-- Excerpted data follows --

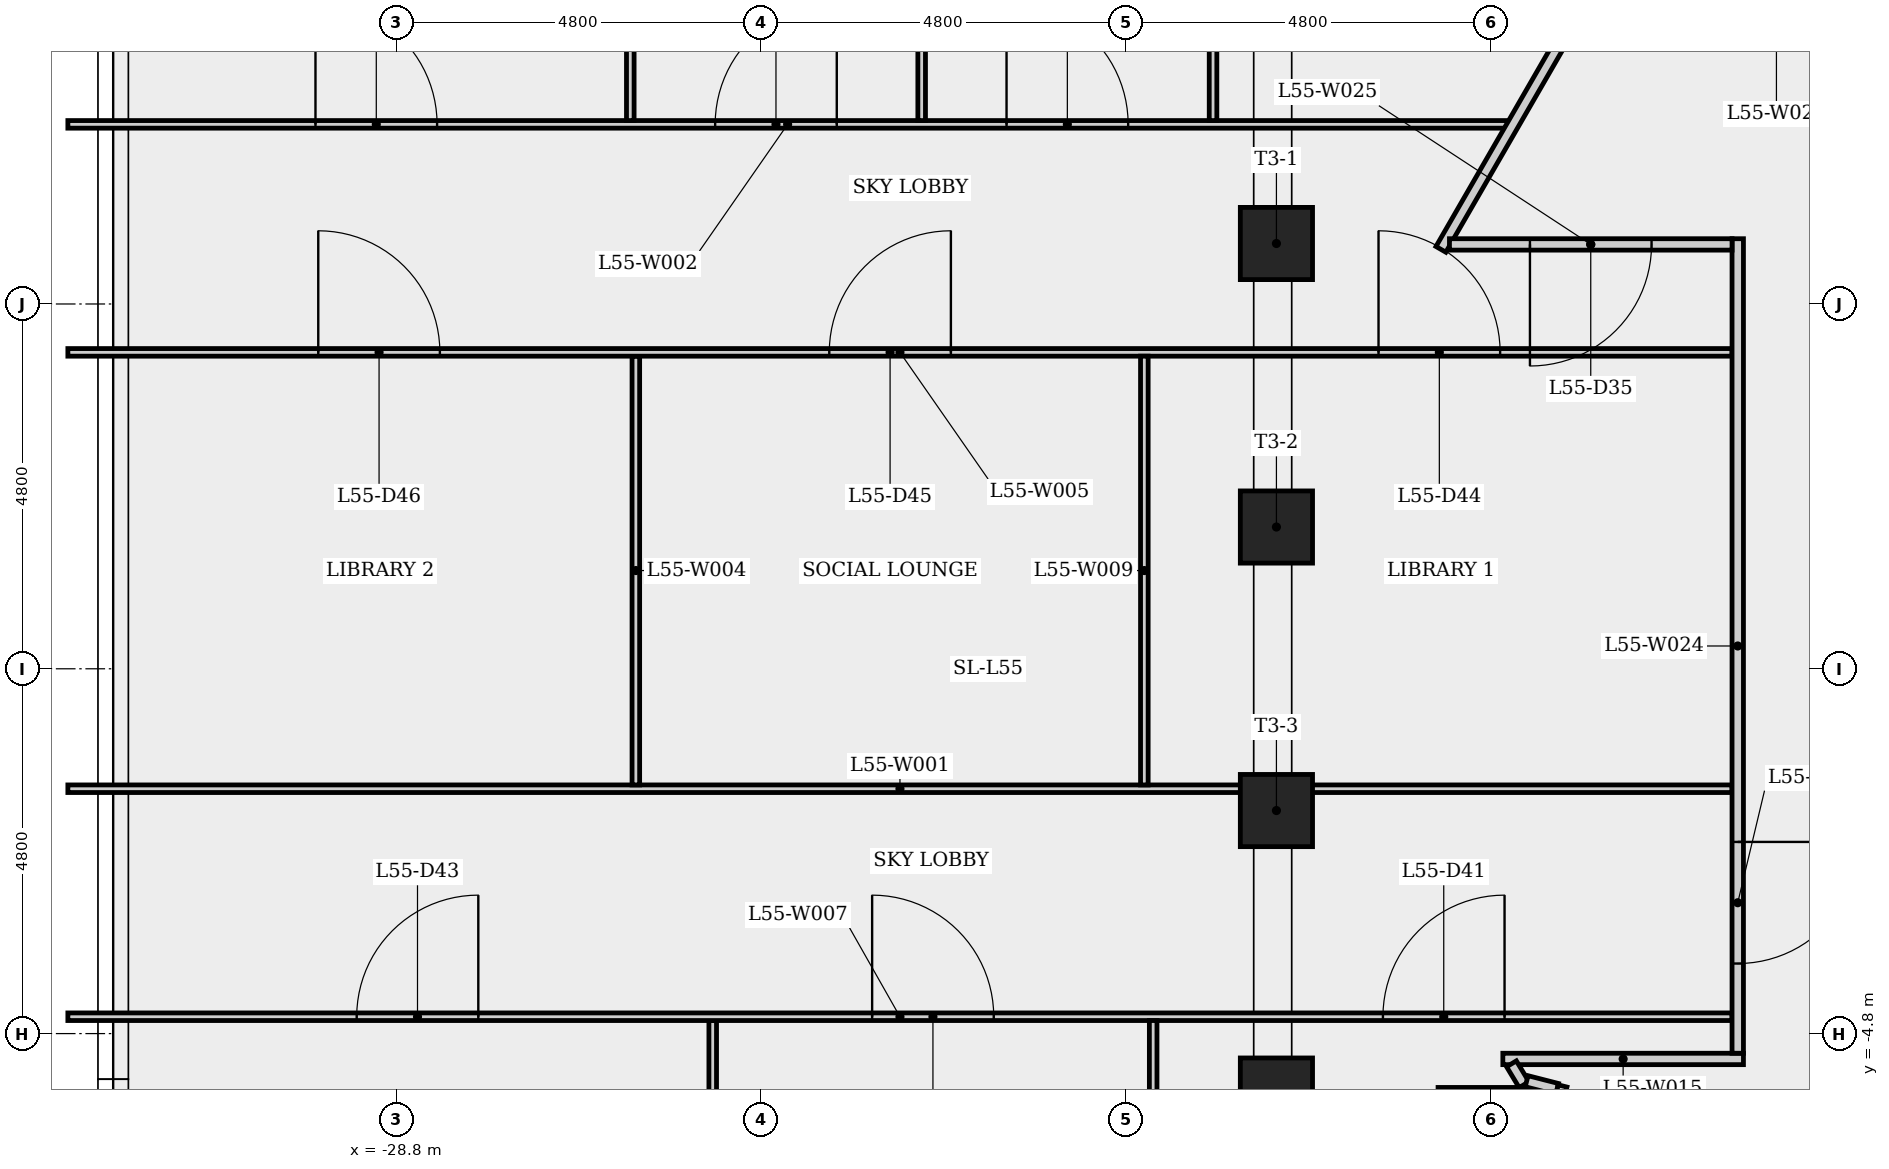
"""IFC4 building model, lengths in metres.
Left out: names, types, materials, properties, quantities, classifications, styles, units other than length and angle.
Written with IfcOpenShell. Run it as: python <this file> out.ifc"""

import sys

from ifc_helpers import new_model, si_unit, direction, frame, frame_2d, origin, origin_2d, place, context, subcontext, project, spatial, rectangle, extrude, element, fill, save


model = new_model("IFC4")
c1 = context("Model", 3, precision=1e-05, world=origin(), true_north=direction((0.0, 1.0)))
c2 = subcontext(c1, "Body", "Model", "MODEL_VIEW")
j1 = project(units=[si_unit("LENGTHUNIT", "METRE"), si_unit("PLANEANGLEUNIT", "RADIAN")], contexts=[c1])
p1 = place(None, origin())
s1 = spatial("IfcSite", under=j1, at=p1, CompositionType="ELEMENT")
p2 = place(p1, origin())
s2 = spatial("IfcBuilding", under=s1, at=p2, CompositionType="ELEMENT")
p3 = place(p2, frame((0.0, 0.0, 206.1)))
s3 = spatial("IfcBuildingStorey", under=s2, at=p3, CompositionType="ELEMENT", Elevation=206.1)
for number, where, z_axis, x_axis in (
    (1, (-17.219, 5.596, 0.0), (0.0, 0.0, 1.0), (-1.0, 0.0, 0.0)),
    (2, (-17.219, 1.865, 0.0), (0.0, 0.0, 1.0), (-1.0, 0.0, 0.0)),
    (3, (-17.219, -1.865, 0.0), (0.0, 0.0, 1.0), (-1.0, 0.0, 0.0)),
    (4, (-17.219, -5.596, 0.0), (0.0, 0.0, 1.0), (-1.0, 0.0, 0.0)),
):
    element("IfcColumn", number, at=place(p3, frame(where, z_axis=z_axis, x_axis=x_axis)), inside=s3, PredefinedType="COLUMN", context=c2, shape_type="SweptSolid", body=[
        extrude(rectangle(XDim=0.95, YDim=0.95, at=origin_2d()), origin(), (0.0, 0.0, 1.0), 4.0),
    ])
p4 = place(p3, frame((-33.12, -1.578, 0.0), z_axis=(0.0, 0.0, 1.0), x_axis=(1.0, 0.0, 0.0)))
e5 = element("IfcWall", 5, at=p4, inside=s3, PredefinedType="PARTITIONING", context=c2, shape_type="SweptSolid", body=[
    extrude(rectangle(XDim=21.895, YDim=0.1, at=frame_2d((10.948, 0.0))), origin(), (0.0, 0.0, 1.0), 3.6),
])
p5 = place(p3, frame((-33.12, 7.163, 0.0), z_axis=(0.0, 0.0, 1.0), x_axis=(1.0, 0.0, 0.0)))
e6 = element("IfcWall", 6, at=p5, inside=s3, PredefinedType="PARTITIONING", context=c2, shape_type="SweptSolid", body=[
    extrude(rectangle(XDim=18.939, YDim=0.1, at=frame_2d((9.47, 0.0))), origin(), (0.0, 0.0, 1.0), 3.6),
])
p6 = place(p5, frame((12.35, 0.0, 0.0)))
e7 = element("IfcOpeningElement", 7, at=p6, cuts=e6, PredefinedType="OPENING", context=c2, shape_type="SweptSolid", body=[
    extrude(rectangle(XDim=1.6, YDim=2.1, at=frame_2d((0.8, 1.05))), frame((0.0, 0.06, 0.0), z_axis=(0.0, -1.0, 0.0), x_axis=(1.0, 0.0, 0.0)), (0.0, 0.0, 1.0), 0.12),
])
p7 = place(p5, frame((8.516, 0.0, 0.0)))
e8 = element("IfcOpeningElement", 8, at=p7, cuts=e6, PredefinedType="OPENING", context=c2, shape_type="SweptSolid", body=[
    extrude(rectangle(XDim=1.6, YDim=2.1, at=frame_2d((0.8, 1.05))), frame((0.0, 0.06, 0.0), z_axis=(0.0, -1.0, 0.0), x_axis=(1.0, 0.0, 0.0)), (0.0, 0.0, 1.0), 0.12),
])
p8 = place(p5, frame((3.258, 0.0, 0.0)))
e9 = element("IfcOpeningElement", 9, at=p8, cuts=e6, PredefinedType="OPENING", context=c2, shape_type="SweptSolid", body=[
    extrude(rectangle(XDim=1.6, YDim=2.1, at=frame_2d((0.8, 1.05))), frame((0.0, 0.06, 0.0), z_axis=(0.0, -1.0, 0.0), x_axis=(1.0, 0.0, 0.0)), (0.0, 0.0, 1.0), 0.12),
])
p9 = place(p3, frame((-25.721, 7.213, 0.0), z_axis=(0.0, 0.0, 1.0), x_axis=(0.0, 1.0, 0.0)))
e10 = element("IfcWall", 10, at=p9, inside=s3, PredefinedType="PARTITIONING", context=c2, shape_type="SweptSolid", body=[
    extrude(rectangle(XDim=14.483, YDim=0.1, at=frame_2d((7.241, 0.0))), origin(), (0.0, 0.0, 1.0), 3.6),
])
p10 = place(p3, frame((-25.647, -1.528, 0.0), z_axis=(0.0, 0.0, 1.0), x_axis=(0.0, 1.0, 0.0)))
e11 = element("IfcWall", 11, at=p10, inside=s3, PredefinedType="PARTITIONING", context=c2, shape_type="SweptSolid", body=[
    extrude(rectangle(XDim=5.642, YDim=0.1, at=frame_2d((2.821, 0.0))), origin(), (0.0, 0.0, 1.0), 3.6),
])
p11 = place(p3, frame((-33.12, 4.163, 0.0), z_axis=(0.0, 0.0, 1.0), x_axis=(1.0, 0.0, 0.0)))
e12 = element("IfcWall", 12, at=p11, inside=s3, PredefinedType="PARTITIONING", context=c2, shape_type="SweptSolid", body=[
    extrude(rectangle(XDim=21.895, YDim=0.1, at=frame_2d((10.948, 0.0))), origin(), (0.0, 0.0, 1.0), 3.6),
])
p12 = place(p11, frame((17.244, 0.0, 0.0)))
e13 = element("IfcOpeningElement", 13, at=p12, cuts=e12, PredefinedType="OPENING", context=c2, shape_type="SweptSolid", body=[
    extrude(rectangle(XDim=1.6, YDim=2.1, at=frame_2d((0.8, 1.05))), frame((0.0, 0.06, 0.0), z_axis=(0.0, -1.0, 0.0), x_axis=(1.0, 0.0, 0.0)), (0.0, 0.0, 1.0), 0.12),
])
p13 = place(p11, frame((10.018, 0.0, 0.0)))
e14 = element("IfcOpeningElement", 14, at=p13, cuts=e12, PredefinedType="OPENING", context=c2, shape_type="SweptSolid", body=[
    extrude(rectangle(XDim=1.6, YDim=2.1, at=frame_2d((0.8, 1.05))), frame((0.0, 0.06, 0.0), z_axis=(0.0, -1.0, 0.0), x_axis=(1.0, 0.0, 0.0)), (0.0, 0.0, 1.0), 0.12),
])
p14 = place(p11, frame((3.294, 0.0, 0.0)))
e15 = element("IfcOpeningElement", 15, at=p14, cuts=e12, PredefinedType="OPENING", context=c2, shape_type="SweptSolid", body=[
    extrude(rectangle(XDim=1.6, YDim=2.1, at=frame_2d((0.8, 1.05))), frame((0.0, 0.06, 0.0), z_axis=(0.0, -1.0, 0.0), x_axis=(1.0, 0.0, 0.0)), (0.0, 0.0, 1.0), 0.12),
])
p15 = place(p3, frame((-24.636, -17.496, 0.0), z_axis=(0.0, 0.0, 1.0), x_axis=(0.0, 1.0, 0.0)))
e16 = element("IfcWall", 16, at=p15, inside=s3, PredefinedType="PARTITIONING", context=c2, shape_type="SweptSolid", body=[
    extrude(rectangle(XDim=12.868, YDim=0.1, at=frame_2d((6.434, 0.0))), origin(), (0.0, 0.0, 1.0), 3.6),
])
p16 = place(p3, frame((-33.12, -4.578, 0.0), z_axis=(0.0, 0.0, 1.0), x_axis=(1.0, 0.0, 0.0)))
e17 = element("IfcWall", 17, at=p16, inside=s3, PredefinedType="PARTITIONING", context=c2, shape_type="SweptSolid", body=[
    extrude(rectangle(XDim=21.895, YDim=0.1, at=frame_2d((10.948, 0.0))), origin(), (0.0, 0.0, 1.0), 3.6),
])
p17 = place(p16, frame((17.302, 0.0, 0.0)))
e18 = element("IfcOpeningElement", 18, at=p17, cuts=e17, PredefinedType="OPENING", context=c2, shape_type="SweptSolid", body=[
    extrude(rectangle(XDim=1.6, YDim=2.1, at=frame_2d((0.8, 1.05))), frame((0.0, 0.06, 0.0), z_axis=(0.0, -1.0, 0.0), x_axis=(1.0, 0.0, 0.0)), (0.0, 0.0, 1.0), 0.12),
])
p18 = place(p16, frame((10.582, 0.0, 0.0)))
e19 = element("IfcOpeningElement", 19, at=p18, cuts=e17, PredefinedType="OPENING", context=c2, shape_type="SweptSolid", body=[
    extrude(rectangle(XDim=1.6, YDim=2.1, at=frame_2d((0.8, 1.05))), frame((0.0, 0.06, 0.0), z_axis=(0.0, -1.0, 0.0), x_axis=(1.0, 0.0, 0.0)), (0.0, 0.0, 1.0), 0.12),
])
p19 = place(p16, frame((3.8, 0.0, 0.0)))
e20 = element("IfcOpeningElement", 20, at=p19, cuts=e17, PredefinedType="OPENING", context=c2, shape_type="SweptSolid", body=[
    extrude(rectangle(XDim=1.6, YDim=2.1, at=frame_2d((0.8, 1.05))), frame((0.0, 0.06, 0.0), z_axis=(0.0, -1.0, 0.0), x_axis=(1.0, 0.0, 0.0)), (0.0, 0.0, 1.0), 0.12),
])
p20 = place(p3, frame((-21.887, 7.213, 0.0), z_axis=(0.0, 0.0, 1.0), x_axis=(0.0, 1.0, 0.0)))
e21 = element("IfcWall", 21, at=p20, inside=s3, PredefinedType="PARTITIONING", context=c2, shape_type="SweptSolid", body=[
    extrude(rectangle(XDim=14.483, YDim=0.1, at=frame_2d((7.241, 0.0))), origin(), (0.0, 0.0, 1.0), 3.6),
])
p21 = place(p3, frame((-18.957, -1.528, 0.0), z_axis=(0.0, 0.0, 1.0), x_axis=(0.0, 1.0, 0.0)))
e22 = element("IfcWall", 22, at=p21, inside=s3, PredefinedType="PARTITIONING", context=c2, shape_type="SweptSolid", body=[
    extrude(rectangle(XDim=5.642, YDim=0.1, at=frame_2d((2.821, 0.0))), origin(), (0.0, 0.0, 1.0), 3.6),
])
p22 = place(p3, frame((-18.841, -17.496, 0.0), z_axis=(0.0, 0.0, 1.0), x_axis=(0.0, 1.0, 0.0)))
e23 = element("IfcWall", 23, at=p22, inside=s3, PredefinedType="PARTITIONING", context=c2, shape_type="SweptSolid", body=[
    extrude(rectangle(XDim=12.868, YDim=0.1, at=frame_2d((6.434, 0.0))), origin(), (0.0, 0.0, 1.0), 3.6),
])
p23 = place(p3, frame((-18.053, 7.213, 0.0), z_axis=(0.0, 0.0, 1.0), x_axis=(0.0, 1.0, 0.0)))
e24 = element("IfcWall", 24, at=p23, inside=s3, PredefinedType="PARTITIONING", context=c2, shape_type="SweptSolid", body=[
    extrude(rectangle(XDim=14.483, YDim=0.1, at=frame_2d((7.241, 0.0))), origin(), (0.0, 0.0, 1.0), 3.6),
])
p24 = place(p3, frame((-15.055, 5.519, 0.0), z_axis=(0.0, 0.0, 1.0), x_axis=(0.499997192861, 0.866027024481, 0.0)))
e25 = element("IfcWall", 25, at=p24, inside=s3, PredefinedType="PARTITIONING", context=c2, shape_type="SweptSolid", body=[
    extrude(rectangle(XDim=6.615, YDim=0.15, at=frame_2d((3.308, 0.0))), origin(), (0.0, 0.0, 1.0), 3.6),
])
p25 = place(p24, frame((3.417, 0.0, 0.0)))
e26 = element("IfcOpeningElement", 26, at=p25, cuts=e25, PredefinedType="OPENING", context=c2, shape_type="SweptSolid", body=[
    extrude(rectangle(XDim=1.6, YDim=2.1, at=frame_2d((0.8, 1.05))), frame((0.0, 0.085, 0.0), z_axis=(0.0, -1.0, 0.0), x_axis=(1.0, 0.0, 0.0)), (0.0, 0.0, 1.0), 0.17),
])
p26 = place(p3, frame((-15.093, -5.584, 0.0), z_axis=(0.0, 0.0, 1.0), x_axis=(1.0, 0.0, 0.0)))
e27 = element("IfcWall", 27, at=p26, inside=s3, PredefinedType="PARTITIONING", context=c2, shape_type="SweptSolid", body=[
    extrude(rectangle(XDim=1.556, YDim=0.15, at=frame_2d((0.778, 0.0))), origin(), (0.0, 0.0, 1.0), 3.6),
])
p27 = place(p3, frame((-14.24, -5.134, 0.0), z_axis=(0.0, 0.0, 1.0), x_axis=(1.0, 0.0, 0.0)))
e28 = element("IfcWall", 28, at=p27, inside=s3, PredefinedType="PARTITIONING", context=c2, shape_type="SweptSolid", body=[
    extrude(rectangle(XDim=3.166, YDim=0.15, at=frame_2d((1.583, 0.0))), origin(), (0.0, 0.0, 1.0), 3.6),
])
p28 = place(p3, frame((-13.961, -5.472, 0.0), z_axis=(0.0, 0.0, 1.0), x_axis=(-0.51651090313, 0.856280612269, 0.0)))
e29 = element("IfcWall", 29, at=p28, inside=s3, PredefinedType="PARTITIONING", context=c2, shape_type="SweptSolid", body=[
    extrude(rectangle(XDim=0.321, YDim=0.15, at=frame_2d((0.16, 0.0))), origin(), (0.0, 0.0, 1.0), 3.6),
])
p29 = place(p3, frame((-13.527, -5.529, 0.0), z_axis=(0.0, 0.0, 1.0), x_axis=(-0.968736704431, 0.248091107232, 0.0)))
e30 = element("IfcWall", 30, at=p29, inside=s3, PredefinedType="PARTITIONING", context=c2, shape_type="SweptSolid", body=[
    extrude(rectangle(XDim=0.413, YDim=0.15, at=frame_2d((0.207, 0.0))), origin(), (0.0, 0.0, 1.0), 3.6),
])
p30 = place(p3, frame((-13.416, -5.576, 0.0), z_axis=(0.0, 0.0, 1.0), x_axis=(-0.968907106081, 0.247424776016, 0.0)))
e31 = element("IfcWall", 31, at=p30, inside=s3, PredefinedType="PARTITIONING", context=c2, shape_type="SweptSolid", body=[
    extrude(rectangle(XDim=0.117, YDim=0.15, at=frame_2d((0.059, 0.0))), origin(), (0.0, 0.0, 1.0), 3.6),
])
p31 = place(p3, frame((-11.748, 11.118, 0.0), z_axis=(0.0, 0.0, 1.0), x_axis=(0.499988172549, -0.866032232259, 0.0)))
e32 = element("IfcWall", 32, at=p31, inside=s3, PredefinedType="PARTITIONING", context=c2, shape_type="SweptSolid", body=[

-- Excerpted data concluded --

▸ **Task directions**: Copy the lines that hold the word "IfcOpeningElement". Take them from the records above.

▸ **Solution below**:
e7 = element("IfcOpeningElement", 7, at=p6, cuts=e6, PredefinedType="OPENING", context=c2, shape_type="SweptSolid", body=[
e8 = element("IfcOpeningElement", 8, at=p7, cuts=e6, PredefinedType="OPENING", context=c2, shape_type="SweptSolid", body=[
e9 = element("IfcOpeningElement", 9, at=p8, cuts=e6, PredefinedType="OPENING", context=c2, shape_type="SweptSolid", body=[
e13 = element("IfcOpeningElement", 13, at=p12, cuts=e12, PredefinedType="OPENING", context=c2, shape_type="SweptSolid", body=[
e14 = element("IfcOpeningElement", 14, at=p13, cuts=e12, PredefinedType="OPENING", context=c2, shape_type="SweptSolid", body=[
e15 = element("IfcOpeningElement", 15, at=p14, cuts=e12, PredefinedType="OPENING", context=c2, shape_type="SweptSolid", body=[
e18 = element("IfcOpeningElement", 18, at=p17, cuts=e17, PredefinedType="OPENING", context=c2, shape_type="SweptSolid", body=[
e19 = element("IfcOpeningElement", 19, at=p18, cuts=e17, PredefinedType="OPENING", context=c2, shape_type="SweptSolid", body=[
e20 = element("IfcOpeningElement", 20, at=p19, cuts=e17, PredefinedType="OPENING", context=c2, shape_type="SweptSolid", body=[
e26 = element("IfcOpeningElement", 26, at=p25, cuts=e25, PredefinedType="OPENING", context=c2, shape_type="SweptSolid", body=[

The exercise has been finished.